*Exercise requirements*: From the listing below, pick out each line with the word "blocks".

*Records shown*:
※ ※ ※

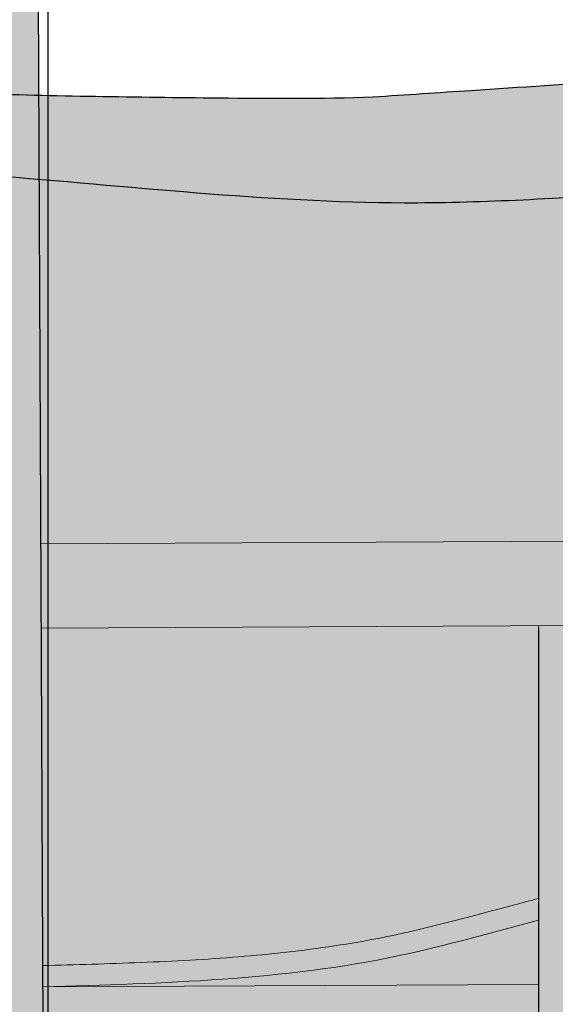
# Model space of a CAD drawing. Units: millimetres. Extents: x 11032 to 26788, y 3406 to 24505.
# Tile 65 of 78: x 18468 to 19737, y 15108 to 17443. Entities that reach past the tile are written whole.
import ezdxf

# ---------------------------------------------------------------- set-up
doc = ezdxf.new("R2010")
doc.units = ezdxf.units.MM
doc.header["$MEASUREMENT"] = 0
for name, color, linetype, lineweight in [('A-ANNO-DIMS', 2, 'Continuous', 18), ('A-ELEV-NECK', 7, 'Continuous', 25), ('A-GLAZ', 250, 'Continuous', 20), ('A-GLAZ-PATT', 9, 'Continuous', 13), ('A-ROOF', 7, 'Continuous', 30), ('E-LITE', 7, 'Continuous', 18), ('E-LITE-PATT', 7, 'Continuous', 13)]:
    doc.layers.add(name, color=color, linetype=linetype, lineweight=lineweight)
for name, color, linetype, lineweight, true_color in [('A-ELEV-NECK-PATT', 159, 'Continuous', 13, 0x22346e), ('A-GLAZ-FRAM-PATT', 250, 'Continuous', 13, 0x262627), ('A-ROOF-PATT', 9, 'Continuous', 13, 0xc7c8ca)]:
    doc.layers.add(name, color=color, linetype=linetype, lineweight=lineweight, true_color=true_color)
doc.styles.get("Standard").update_dxf_attribs({"font": 'arial.ttf'})
doc.dimstyles.get("Standard").update_dxf_attribs({"dimtxt": 150, "dimasz": 100, "dimexe": 10, "dimexo": 5, "dimgap": 5, "dimtad": 0, "dimtih": 1, "dimtoh": 1, "dimdec": 0, "dimzin": 0, "dimdsep": 46, "dimtxsty": 'Standard', "dimcen": 0.09, "dimadec": 0, "dimazin": 0, "dimtfac": 1, "dimtdec": 0, "dimtofl": 0, "dimtmove": 0, "dimatfit": 3, "dimfxl": 1, "dimtolj": 1, "dimtzin": 0, "dimarcsym": 0})

# ---------------------------------------------------------------- blocks, each defined once
blk = doc.blocks.new('*D36')
at = {"layer": 'A-ANNO-DIMS', "color": 0, "lineweight": -2, "transparency": 16777216}
for p, q in [((12301.3, 17115.9), (12301.3, 24416.9)), ((25397.4, 4466.4), (25397.4, 24416.9)), ((12401.3, 24406.9), (18569.2, 24406.9)), ((25297.4, 24406.9), (19129.5, 24406.9))]:
    blk.add_line(p, q, dxfattribs=at)
at = {"layer": 'A-ANNO-DIMS', "color": 0, "transparency": 16777216}
for points in [[(12401.3, 24423.5), (12401.3, 24390.2), (12301.3, 24406.9)], [(25297.4, 24423.5), (25297.4, 24390.2), (25397.4, 24406.9)]]:
    blk.add_solid(points, dxfattribs=at)
at = {"layer": 'Defpoints', "color": 0, "transparency": 16777216}
for p in [(25397.4, 24406.9), (12301.3, 17110.9), (25397.4, 4461.4)]:
    blk.add_point(p, dxfattribs=at)
at = {"layer": 'A-ANNO-DIMS', "color": 0, "transparency": 16777216, "insert": (18849.3, 24406.9), "char_height": 150, "attachment_point": 5}
blk.add_mtext('\\A1;13096', dxfattribs=at)
blk = doc.blocks.new('*D45')
at = {"layer": 'A-ANNO-DIMS', "color": 0, "lineweight": -2, "transparency": 16777216}
for p, q in [((13792.4, 18518.9), (26363.9, 18518.9)), ((26353.9, 18418.9), (26353.9, 17450.3)), ((26353.9, 16318.4), (26353.9, 17287)), ((22902.4, 16218.4), (26363.9, 16218.4))]:
    blk.add_line(p, q, dxfattribs=at)
at = {"layer": 'A-ANNO-DIMS', "color": 0, "transparency": 16777216}
for points in [[(26337.2, 18418.9), (26370.6, 18418.9), (26353.9, 18518.9)], [(26337.2, 16318.4), (26370.6, 16318.4), (26353.9, 16218.4)]]:
    blk.add_solid(points, dxfattribs=at)
at = {"layer": 'Defpoints', "color": 0, "transparency": 16777216}
for p in [(13787.4, 18518.9), (26353.9, 18518.9), (22897.4, 16218.4)]:
    blk.add_point(p, dxfattribs=at)
at = {"layer": 'A-ANNO-DIMS', "color": 0, "transparency": 16777216, "insert": (26353.9, 17368.7), "char_height": 150, "attachment_point": 5}
blk.add_mtext('\\A1;2300.5', dxfattribs=at)
blk = doc.blocks.new('*D50')
at = {"layer": 'A-ANNO-DIMS', "color": 0, "lineweight": -2, "transparency": 16777216}
for p, q in [((19697.4, 16000.7), (19697.4, 3494.9)), ((17953.5, 10206.4), (17953.5, 3494.9)), ((18053.5, 3504.9), (18603.8, 3504.9)), ((19597.4, 3504.9), (19047, 3504.9))]:
    blk.add_line(p, q, dxfattribs=at)
at = {"layer": 'A-ANNO-DIMS', "color": 0, "transparency": 16777216}
for points in [[(18053.5, 3521.6), (18053.5, 3488.2), (17953.5, 3504.9)], [(19597.4, 3521.6), (19597.4, 3488.2), (19697.4, 3504.9)]]:
    blk.add_solid(points, dxfattribs=at)
at = {"layer": 'Defpoints', "color": 0, "transparency": 16777216}
for p in [(19697.4, 16005.7), (17953.5, 10211.4), (19697.4, 3504.9)]:
    blk.add_point(p, dxfattribs=at)
at = {"layer": 'A-ANNO-DIMS', "color": 0, "transparency": 16777216, "insert": (18825.4, 3504.9), "char_height": 150, "attachment_point": 5}
blk.add_mtext('\\A1;1744', dxfattribs=at)
blk = doc.blocks.new('*D51')
at = {"layer": 'A-ANNO-DIMS', "color": 0, "lineweight": -2, "transparency": 16777216}
for p, q in [((19697.4, 16000.7), (19697.4, 3494.9)), ((21997.4, 16011.6), (21997.4, 3494.9)), ((19797.4, 3504.9), (20617.4, 3504.9)), ((21897.4, 3504.9), (21077.4, 3504.9))]:
    blk.add_line(p, q, dxfattribs=at)
at = {"layer": 'A-ANNO-DIMS', "color": 0, "transparency": 16777216}
for points in [[(19797.4, 3521.6), (19797.4, 3488.2), (19697.4, 3504.9)], [(21897.4, 3521.6), (21897.4, 3488.2), (21997.4, 3504.9)]]:
    blk.add_solid(points, dxfattribs=at)
at = {"layer": 'Defpoints', "color": 0, "transparency": 16777216}
for p in [(21997.4, 16016.6), (19697.4, 16005.7), (21997.4, 3504.9)]:
    blk.add_point(p, dxfattribs=at)
at = {"layer": 'A-ANNO-DIMS', "color": 0, "transparency": 16777216, "insert": (20847.4, 3504.9), "char_height": 150, "attachment_point": 5}
blk.add_mtext('\\A1;2300', dxfattribs=at)
blk = doc.blocks.new('*D57')
at = {"layer": 'A-ANNO-DIMS', "color": 0, "lineweight": -2, "transparency": 16777216}
for p, q in [((14994.7, 7266.4), (14994.7, 24416.9)), ((20894.7, 7266.4), (20894.7, 24416.9)), ((15094.7, 24406.9), (17716, 24406.9)), ((20794.7, 24406.9), (18173.4, 24406.9))]:
    blk.add_line(p, q, dxfattribs=at)
at = {"layer": 'A-ANNO-DIMS', "color": 0, "transparency": 16777216}
for points in [[(15094.7, 24423.5), (15094.7, 24390.2), (14994.7, 24406.9)], [(20794.7, 24423.5), (20794.7, 24390.2), (20894.7, 24406.9)]]:
    blk.add_solid(points, dxfattribs=at)
at = {"layer": 'Defpoints', "color": 0, "transparency": 16777216}
for p in [(20894.7, 24406.9), (14994.7, 7261.4), (20894.7, 7261.4)]:
    blk.add_point(p, dxfattribs=at)
at = {"layer": 'A-ANNO-DIMS', "color": 0, "transparency": 16777216, "insert": (17944.7, 24406.9), "char_height": 150, "attachment_point": 5}
blk.add_mtext('\\A1;5900', dxfattribs=at)
blk = doc.blocks.new('*D65')
at = {"layer": 'A-ANNO-DIMS', "color": 0, "lineweight": -2, "transparency": 16777216}
for p, q in [((17362, 12566.3), (17362, 24416.9)), ((18535.4, 12566.5), (18535.4, 24416.9)), ((17462, 24406.9), (17639.4, 24406.9)), ((18435.4, 24406.9), (18258, 24406.9))]:
    blk.add_line(p, q, dxfattribs=at)
at = {"layer": 'A-ANNO-DIMS', "color": 0, "transparency": 16777216}
for points in [[(17462, 24423.5), (17462, 24390.2), (17362, 24406.9)], [(18435.4, 24423.5), (18435.4, 24390.2), (18535.4, 24406.9)]]:
    blk.add_solid(points, dxfattribs=at)
at = {"layer": 'Defpoints', "color": 0, "transparency": 16777216}
for p in [(18535.4, 24406.9), (17362, 12561.3), (18535.4, 12561.5)]:
    blk.add_point(p, dxfattribs=at)
at = {"layer": 'A-ANNO-DIMS', "color": 0, "transparency": 16777216, "insert": (17948.7, 24406.9), "char_height": 150, "attachment_point": 5}
blk.add_mtext('\\A1;1173.3', dxfattribs=at)

msp = doc.modelspace()

# ---------------------------------------------------------------- hatches: boundary and pattern name
at = {"layer": 'A-ELEV-NECK-PATT'}
h = msp.add_hatch(color=256, dxfattribs=at)
h.set_gradient(color1=(82, 15, 16), color2=(153, 76, 0), name='INVHEMISPHERICAL')
edge = h.paths.add_edge_path()
edge.add_line((18055.913, 21712.945), (17991.118, 21712.945))
edge.add_line((17991.118, 21712.945), (17913.235, 17287.655))
edge.add_spline(control_points=[(17913.235, 17287.655), (17923.7, 17287.302), (17934.19, 17286.996), (17944.704, 17286.735)], knot_values=[8963.99017486, 8963.99017486, 8963.99017486, 8963.99017486, 8996.4318779, 8996.4318779, 8996.4318779, 8996.4318779], degree=3, periodic=0)
edge.add_spline(control_points=[(17944.704, 17286.735), (17964.82, 17285.722), (17984.935, 17284.709), (18005.051, 17283.703)], knot_values=[0, 0, 0, 0, 60.41749209, 60.41749209, 60.41749209, 60.41749209], degree=3, periodic=0)
edge.add_line((18005.051, 17283.703), (18055.913, 21712.945))
edge = h.paths.add_edge_path()
edge.add_line((18492.19, 21712.945), (18416.998, 21712.945))
edge.add_line((18416.998, 21712.945), (18420.504, 17266.134))
edge.add_spline(control_points=[(18420.504, 17266.134), (18451.394, 17265.216), (18482.287, 17264.397), (18513.182, 17263.662)], knot_values=[476.26006783, 476.26006783, 476.26006783, 476.26006783, 568.98430855, 568.98430855, 568.98430855, 568.98430855], degree=3, periodic=0)
edge.add_line((18513.182, 17263.662), (18492.19, 21712.945))
edge = h.paths.add_edge_path()
edge.add_spline(control_points=[(18296.914, 17270.367), (18316.656, 17269.603), (18349.518, 17268.396), (18382.383, 17267.313), (18395.503, 17266.9)], knot_values=[352.58081587, 352.58081587, 352.58081587, 352.58081587, 411.85892504, 451.24395945, 451.24395945, 451.24395945, 451.24395945], degree=3, periodic=0)
edge.add_line((18395.503, 17266.9), (18391.999, 21712.945))
edge.add_line((18391.999, 21712.945), (18316.752, 21712.945))
edge.add_line((18316.752, 21712.945), (18296.914, 17270.367))
edge = h.paths.add_edge_path()
edge.add_line((18291.755, 21712.945), (18216.518, 21712.945))
edge.add_line((18216.518, 21712.945), (18173.381, 17275.594))
edge.add_spline(control_points=[(18173.381, 17275.594), (18206.225, 17274.101), (18239.071, 17272.678), (18271.92, 17271.355)], knot_values=[228.93242669, 228.93242669, 228.93242669, 228.93242669, 327.56540209, 327.56540209, 327.56540209, 327.56540209], degree=3, periodic=0)
edge.add_line((18271.92, 17271.355), (18291.755, 21712.945))
h = msp.add_hatch(color=256, dxfattribs=at)
h.set_gradient(color1=(153, 76, 0), color2=(153, 38, 0), name='INVSPHERICAL')
edge = h.paths.add_edge_path()
edge.add_spline(control_points=[(17641.798, 17308.706), (17605.243, 17313.31), (17568.929, 17318.668), (17532.827, 17324.837)], knot_values=[8560.66857913, 8560.66857913, 8560.66857913, 8560.66857913, 8678.18536837, 8678.18536837, 8678.18536837, 8678.18536837], degree=3, periodic=0)
edge.add_line((17532.827, 17324.837), (17525.58, 17122.709))
edge.add_spline(control_points=[(17525.58, 17122.709), (17542.498, 17119.989), (17559.438, 17117.434), (17596.281, 17112.234), (17616.191, 17109.648), (17636.137, 17107.272)], knot_values=[8357.5016646, 8357.5016646, 8357.5016646, 8357.5016646, 8408.27359921, 8408.27359921, 8467.76262378, 8467.76262378, 8467.76262378, 8467.76262378], degree=3, periodic=0)
edge.add_line((17636.137, 17107.272), (17641.798, 17308.706))
edge = h.paths.add_edge_path()
edge.add_spline(control_points=[(17764.917, 17296.043), (17731.975, 17298.702), (17699.249, 17301.903), (17666.718, 17305.687)], knot_values=[8704.84912349, 8704.84912349, 8704.84912349, 8704.84912349, 8809.1081873, 8809.1081873, 8809.1081873, 8809.1081873], degree=3, periodic=0)
edge.add_line((17666.718, 17305.687), (17661.061, 17104.414))
edge.add_spline(control_points=[(17661.061, 17104.414), (17679.29, 17102.404), (17697.549, 17100.566), (17730.647, 17097.538), (17745.476, 17096.292), (17760.326, 17095.15)], knot_values=[8492.52413318, 8492.52413318, 8492.52413318, 8492.52413318, 8546.81227116, 8546.81227116, 8590.76516304, 8590.76516304, 8590.76516304, 8590.76516304], degree=3, periodic=0)
edge.add_line((17760.326, 17095.15), (17764.917, 17296.043))
edge = h.paths.add_edge_path()
edge.add_spline(control_points=[(17785.288, 17093.328), (17818.317, 17091.049), (17851.456, 17089.272), (17884.718, 17087.959)], knot_values=[8615.37173025, 8615.37173025, 8615.37173025, 8615.37173025, 8712.96274361, 8712.96274361, 8712.96274361, 8712.96274361], degree=3, periodic=0)
edge.add_line((17884.718, 17087.959), (17888.249, 17288.59))
edge.add_spline(control_points=[(17888.249, 17288.59), (17855.23, 17289.947), (17822.446, 17291.782), (17789.878, 17294.135)], knot_values=[8835.39626479, 8835.39626479, 8835.39626479, 8835.39626479, 8938.12522047, 8938.12522047, 8938.12522047, 8938.12522047], degree=3, periodic=0)
edge.add_line((17789.878, 17294.135), (17785.288, 17093.328))
edge = h.paths.add_edge_path()
edge.add_spline(control_points=[(17909.705, 17087.059), (17910.273, 17087.04), (17910.841, 17087.022), (17922.493, 17086.648), (17933.591, 17086.342), (17944.704, 17086.084)], knot_values=[8737.37614655, 8737.37614655, 8737.37614655, 8737.37614655, 8739.04043473, 8739.04043473, 8771.49406906, 8771.49406906, 8771.49406906, 8771.49406906], degree=3, periodic=0)
edge.add_spline(control_points=[(17944.704, 17086.084), (17964.06, 17086.958), (17983.426, 17087.583), (18002.804, 17087.985)], knot_values=[1891.03799383, 1891.03799383, 1891.03799383, 1891.03799383, 1949.25960113, 1949.25960113, 1949.25960113, 1949.25960113], degree=3, periodic=0)
edge.add_line((18002.804, 17087.985), (18005.051, 17283.703))
edge.add_spline(control_points=[(18005.051, 17283.703), (17984.935, 17284.709), (17964.82, 17285.722), (17944.704, 17286.735)], knot_values=[0, 0, 0, 0, 60.41749209, 60.41749209, 60.41749209, 60.41749209], degree=3, periodic=0)
edge.add_spline(control_points=[(17944.704, 17286.735), (17934.19, 17286.996), (17923.7, 17287.302), (17913.235, 17287.655)], knot_values=[8963.99017486, 8963.99017486, 8963.99017486, 8963.99017486, 8996.4318779, 8996.4318779, 8996.4318779, 8996.4318779], degree=3, periodic=0)
edge.add_line((17913.235, 17287.655), (17909.705, 17087.059))
edge = h.paths.add_edge_path()
edge.add_spline(control_points=[(18148.395, 17276.742), (18108.941, 17278.575), (18069.489, 17280.497), (18030.038, 17282.457)], knot_values=[85.43243603, 85.43243603, 85.43243603, 85.43243603, 203.92020001, 203.92020001, 203.92020001, 203.92020001], degree=3, periodic=0)
edge.add_line((18030.038, 17282.457), (18027.809, 17088.381))
edge.add_spline(control_points=[(18027.809, 17088.381), (18067.33, 17088.817), (18106.905, 17088.367), (18146.553, 17087.237)], knot_values=[1747.32517671, 1747.32517671, 1747.32517671, 1747.32517671, 1866.00187039, 1866.00187039, 1866.00187039, 1866.00187039], degree=3, periodic=0)
edge.add_line((18146.553, 17087.237), (18148.395, 17276.742))
edge = h.paths.add_edge_path()
edge.add_spline(control_points=[(18271.92, 17271.355), (18239.071, 17272.678), (18206.225, 17274.101), (18173.381, 17275.594)], knot_values=[228.93242669, 228.93242669, 228.93242669, 228.93242669, 327.56540209, 327.56540209, 327.56540209, 327.56540209], degree=3, periodic=0)
edge.add_line((18173.381, 17275.594), (18171.542, 17086.437))
edge.add_spline(control_points=[(18171.542, 17086.437), (18204.662, 17085.263), (18237.835, 17083.647), (18271.073, 17081.706)], knot_values=[1623.3453903, 1623.3453903, 1623.3453903, 1623.3453903, 1722.40133721, 1722.40133721, 1722.40133721, 1722.40133721], degree=3, periodic=0)
edge.add_line((18271.073, 17081.706), (18271.92, 17271.355))
edge = h.paths.add_edge_path()
edge.add_spline(control_points=[(18296.064, 17080.189), (18329.191, 17078.104), (18362.384, 17075.728), (18395.656, 17073.18)], knot_values=[1499.9078295, 1499.9078295, 1499.9078295, 1499.9078295, 1598.53123513, 1598.53123513, 1598.53123513, 1598.53123513], degree=3, periodic=0)
edge.add_line((18395.656, 17073.18), (18395.503, 17266.9))
edge.add_spline(control_points=[(18395.503, 17266.9), (18382.383, 17267.313), (18349.518, 17268.396), (18316.656, 17269.603), (18296.914, 17270.367)], knot_values=[352.58081587, 352.58081587, 352.58081587, 352.58081587, 391.96585028, 451.24395945, 451.24395945, 451.24395945, 451.24395945], degree=3, periodic=0)
edge.add_line((18296.914, 17270.367), (18296.064, 17080.189))
edge = h.paths.add_edge_path()
edge.add_spline(control_points=[(18420.658, 17071.235), (18423.571, 17071.005), (18454.665, 17068.542), (18485.83, 17065.963), (18514.126, 17063.566)], knot_values=[1383.18424693, 1383.18424693, 1383.18424693, 1383.18424693, 1391.81011968, 1475.21962479, 1475.21962479, 1475.21962479, 1475.21962479], degree=3, periodic=0)
edge.add_line((18514.126, 17063.566), (18513.182, 17263.662))
edge.add_spline(control_points=[(18513.182, 17263.662), (18482.287, 17264.397), (18451.394, 17265.216), (18420.504, 17266.134)], knot_values=[476.26006783, 476.26006783, 476.26006783, 476.26006783, 568.98430855, 568.98430855, 568.98430855, 568.98430855], degree=3, periodic=0)
edge.add_line((18420.504, 17266.134), (18420.658, 17071.235))
h = msp.add_hatch(color=256, dxfattribs=at)
h.set_gradient(color1=(82, 15, 16), color2=(153, 76, 0), name='INVHEMISPHERICAL')
edge = h.paths.add_edge_path()
edge.add_line((17829.868, 12550.781), (17950.703, 12550.781))
edge.add_line((17950.703, 12550.781), (18002.804, 17087.985))
edge.add_spline(control_points=[(18002.804, 17087.985), (17983.426, 17087.583), (17964.06, 17086.958), (17944.704, 17086.084)], knot_values=[1891.03799383, 1891.03799383, 1891.03799383, 1891.03799383, 1949.25960113, 1949.25960113, 1949.25960113, 1949.25960113], degree=3, periodic=0)
edge.add_spline(control_points=[(17944.704, 17086.084), (17933.591, 17086.342), (17922.493, 17086.648), (17910.841, 17087.022), (17910.273, 17087.04), (17909.705, 17087.059)], knot_values=[8737.37614655, 8737.37614655, 8737.37614655, 8737.37614655, 8769.82978089, 8769.82978089, 8771.49406906, 8771.49406906, 8771.49406906, 8771.49406906], degree=3, periodic=0)
edge.add_line((17909.705, 17087.059), (17829.868, 12550.781))
edge = h.paths.add_edge_path()
edge.add_spline(control_points=[(18146.553, 17087.237), (18106.905, 17088.367), (18067.33, 17088.817), (18027.809, 17088.381)], knot_values=[1747.32517671, 1747.32517671, 1747.32517671, 1747.32517671, 1866.00187039, 1866.00187039, 1866.00187039, 1866.00187039], degree=3, periodic=0)
edge.add_line((18027.809, 17088.381), (17975.703, 12550.781))
edge.add_line((17975.703, 12550.781), (18102.451, 12550.781))
edge.add_line((18102.451, 12550.781), (18146.553, 17087.237))
edge = h.paths.add_edge_path()
edge.add_line((18127.45, 12550.781), (18250.839, 12550.781))
edge.add_line((18250.839, 12550.781), (18271.073, 17081.706))
edge.add_spline(control_points=[(18271.073, 17081.706), (18237.835, 17083.647), (18204.662, 17085.263), (18171.542, 17086.437)], knot_values=[1623.3453903, 1623.3453903, 1623.3453903, 1623.3453903, 1722.40133721, 1722.40133721, 1722.40133721, 1722.40133721], degree=3, periodic=0)
edge.add_line((18171.542, 17086.437), (18127.45, 12550.781))
edge = h.paths.add_edge_path()
edge.add_spline(control_points=[(18395.656, 17073.18), (18362.384, 17075.728), (18329.191, 17078.104), (18296.064, 17080.189)], knot_values=[1499.9078295, 1499.9078295, 1499.9078295, 1499.9078295, 1598.53123513, 1598.53123513, 1598.53123513, 1598.53123513], degree=3, periodic=0)
edge.add_line((18296.064, 17080.189), (18275.839, 12550.781))
edge.add_line((18275.839, 12550.781), (18399.221, 12550.781))
edge.add_line((18399.221, 12550.781), (18395.656, 17073.18))
edge = h.paths.add_edge_path()
edge.add_spline(control_points=[(18514.126, 17063.566), (18485.83, 17065.963), (18454.665, 17068.542), (18423.571, 17071.005), (18420.658, 17071.235)], knot_values=[1383.18424693, 1383.18424693, 1383.18424693, 1383.18424693, 1466.59375204, 1475.21962479, 1475.21962479, 1475.21962479, 1475.21962479], degree=3, periodic=0)
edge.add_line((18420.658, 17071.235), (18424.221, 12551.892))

※ ※ ※

*Solution to the exercise*:
# ---------------------------------------------------------------- blocks, each defined once
blk = doc.blocks.new('*D36')
blk = doc.blocks.new('*D45')
blk = doc.blocks.new('*D50')
blk = doc.blocks.new('*D51')
blk = doc.blocks.new('*D57')
blk = doc.blocks.new('*D65')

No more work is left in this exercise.